INPUT DATA
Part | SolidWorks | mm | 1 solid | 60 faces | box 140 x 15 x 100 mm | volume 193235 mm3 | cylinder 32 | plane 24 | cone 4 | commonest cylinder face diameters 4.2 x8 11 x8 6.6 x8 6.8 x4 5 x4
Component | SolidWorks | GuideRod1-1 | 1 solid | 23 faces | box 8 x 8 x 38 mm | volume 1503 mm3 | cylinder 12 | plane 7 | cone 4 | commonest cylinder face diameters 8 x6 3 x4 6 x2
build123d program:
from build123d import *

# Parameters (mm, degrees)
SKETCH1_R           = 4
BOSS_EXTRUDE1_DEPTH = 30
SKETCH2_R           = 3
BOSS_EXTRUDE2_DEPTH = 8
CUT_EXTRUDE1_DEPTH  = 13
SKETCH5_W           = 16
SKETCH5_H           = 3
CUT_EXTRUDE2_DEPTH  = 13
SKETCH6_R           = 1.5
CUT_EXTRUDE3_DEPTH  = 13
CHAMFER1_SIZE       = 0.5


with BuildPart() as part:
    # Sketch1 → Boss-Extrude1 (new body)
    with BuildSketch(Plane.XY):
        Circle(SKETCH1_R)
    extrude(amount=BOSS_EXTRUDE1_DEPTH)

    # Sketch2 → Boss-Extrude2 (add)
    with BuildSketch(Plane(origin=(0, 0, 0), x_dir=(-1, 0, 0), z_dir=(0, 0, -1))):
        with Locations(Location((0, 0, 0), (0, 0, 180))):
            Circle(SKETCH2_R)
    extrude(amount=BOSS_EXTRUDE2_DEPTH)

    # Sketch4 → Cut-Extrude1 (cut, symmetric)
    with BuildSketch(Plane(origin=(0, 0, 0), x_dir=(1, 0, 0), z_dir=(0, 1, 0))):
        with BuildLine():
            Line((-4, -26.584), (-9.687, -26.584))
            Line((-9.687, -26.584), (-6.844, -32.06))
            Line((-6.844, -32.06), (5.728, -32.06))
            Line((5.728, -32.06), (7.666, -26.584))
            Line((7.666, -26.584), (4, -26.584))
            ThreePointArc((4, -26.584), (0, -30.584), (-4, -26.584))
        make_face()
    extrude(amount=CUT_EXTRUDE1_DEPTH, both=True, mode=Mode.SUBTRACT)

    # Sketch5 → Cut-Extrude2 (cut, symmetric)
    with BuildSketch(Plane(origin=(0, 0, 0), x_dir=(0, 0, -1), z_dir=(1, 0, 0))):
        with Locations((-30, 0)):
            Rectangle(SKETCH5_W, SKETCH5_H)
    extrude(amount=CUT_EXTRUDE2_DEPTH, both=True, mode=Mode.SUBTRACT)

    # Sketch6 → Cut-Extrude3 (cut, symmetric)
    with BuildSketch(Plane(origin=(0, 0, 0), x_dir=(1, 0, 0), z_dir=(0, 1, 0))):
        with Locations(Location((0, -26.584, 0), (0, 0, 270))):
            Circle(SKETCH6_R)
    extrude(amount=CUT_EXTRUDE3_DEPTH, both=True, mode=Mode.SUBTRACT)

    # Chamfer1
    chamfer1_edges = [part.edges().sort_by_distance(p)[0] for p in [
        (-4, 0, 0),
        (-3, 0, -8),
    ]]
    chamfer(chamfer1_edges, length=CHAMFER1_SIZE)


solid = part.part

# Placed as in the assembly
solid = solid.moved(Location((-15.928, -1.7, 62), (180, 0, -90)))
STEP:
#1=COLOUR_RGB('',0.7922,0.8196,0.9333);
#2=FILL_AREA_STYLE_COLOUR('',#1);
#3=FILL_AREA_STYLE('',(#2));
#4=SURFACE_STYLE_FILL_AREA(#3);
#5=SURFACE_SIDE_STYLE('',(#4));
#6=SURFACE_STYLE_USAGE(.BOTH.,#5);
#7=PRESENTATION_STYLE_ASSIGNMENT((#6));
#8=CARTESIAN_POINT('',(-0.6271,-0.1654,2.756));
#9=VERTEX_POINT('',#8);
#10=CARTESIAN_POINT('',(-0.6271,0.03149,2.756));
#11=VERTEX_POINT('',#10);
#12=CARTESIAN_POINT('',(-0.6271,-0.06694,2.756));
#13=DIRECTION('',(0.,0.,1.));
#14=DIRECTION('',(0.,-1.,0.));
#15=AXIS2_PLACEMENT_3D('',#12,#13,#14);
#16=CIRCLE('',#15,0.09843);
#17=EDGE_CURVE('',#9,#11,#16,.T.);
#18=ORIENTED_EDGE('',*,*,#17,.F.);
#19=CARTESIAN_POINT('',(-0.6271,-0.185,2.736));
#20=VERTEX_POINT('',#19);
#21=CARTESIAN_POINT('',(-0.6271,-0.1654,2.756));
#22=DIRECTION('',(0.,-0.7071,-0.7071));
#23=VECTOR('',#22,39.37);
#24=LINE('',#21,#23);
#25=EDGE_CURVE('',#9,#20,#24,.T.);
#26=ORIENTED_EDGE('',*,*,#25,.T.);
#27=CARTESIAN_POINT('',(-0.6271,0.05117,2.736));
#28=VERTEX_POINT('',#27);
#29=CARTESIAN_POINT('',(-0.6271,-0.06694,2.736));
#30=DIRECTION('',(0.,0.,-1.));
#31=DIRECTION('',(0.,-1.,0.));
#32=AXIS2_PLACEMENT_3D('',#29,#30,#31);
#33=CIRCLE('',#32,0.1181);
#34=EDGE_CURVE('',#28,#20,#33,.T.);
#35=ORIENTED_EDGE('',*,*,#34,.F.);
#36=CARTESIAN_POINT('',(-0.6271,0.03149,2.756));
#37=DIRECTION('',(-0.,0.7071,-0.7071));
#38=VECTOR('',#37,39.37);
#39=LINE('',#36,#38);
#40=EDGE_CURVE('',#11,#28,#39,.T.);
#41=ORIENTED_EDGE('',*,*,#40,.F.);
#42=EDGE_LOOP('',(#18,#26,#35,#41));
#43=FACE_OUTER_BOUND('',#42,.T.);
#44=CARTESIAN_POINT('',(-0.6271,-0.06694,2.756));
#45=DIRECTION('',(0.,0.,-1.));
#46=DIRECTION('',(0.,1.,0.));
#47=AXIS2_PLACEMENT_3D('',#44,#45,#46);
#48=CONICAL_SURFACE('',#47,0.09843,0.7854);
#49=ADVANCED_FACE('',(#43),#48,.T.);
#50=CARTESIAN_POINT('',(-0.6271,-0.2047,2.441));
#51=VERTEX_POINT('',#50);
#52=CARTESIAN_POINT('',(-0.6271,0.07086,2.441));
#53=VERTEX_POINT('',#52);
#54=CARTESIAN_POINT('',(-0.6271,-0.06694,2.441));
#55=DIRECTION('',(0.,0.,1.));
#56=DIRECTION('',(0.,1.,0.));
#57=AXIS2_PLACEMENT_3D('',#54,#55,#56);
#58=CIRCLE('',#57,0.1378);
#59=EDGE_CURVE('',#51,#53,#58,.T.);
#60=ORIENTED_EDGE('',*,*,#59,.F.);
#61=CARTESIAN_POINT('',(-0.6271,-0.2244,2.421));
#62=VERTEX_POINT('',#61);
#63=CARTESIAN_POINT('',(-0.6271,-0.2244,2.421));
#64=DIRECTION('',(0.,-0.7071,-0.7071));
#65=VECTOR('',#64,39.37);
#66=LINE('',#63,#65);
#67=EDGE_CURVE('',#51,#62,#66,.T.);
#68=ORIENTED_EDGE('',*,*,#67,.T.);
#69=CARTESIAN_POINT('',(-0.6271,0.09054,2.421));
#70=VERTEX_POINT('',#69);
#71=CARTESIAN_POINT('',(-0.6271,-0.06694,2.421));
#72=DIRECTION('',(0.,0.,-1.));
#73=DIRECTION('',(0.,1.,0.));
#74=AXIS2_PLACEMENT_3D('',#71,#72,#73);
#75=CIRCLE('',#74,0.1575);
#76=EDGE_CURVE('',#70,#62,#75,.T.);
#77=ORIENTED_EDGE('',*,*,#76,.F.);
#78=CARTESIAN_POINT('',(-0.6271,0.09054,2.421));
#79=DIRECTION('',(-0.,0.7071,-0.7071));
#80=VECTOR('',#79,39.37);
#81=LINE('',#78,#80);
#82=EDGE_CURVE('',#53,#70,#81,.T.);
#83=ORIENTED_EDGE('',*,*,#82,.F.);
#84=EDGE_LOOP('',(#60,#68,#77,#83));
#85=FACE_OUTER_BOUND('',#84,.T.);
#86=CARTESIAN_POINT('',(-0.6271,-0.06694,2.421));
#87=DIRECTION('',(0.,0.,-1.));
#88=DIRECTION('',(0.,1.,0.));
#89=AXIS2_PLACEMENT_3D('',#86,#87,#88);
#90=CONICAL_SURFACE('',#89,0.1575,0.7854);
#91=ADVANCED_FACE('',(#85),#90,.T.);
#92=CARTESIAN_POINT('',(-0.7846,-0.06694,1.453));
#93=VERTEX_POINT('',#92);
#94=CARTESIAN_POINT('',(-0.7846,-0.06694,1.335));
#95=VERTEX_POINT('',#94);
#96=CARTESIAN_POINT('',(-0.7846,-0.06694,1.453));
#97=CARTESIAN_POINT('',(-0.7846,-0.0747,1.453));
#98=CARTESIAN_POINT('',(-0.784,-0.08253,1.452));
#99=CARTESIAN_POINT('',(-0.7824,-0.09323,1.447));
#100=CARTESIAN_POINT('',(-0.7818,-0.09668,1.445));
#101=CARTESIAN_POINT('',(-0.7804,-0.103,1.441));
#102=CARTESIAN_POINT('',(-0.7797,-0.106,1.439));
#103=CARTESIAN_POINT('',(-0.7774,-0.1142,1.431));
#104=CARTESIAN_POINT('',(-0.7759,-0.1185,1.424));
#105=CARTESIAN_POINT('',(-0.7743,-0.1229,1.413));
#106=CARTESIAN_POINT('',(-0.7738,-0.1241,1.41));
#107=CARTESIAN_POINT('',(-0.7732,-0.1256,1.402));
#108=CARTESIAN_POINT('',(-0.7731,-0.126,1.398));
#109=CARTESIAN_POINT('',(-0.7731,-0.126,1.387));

WHAT YOU HAVE TO DO
Leave out every line above except those from the line with "#53=VERTEX_POINT('',#52);" up to and including the line with "#68=ORIENTED_EDGE('',*,*,#67,.T.);", and copy those exactly.

TASK OUTPUT
#53=VERTEX_POINT('',#52);
#54=CARTESIAN_POINT('',(-0.6271,-0.06694,2.441));
#55=DIRECTION('',(0.,0.,1.));
#56=DIRECTION('',(0.,1.,0.));
#57=AXIS2_PLACEMENT_3D('',#54,#55,#56);
#58=CIRCLE('',#57,0.1378);
#59=EDGE_CURVE('',#51,#53,#58,.T.);
#60=ORIENTED_EDGE('',*,*,#59,.F.);
#61=CARTESIAN_POINT('',(-0.6271,-0.2244,2.421));
#62=VERTEX_POINT('',#61);
#63=CARTESIAN_POINT('',(-0.6271,-0.2244,2.421));
#64=DIRECTION('',(0.,-0.7071,-0.7071));
#65=VECTOR('',#64,39.37);
#66=LINE('',#63,#65);
#67=EDGE_CURVE('',#51,#62,#66,.T.);
#68=ORIENTED_EDGE('',*,*,#67,.T.);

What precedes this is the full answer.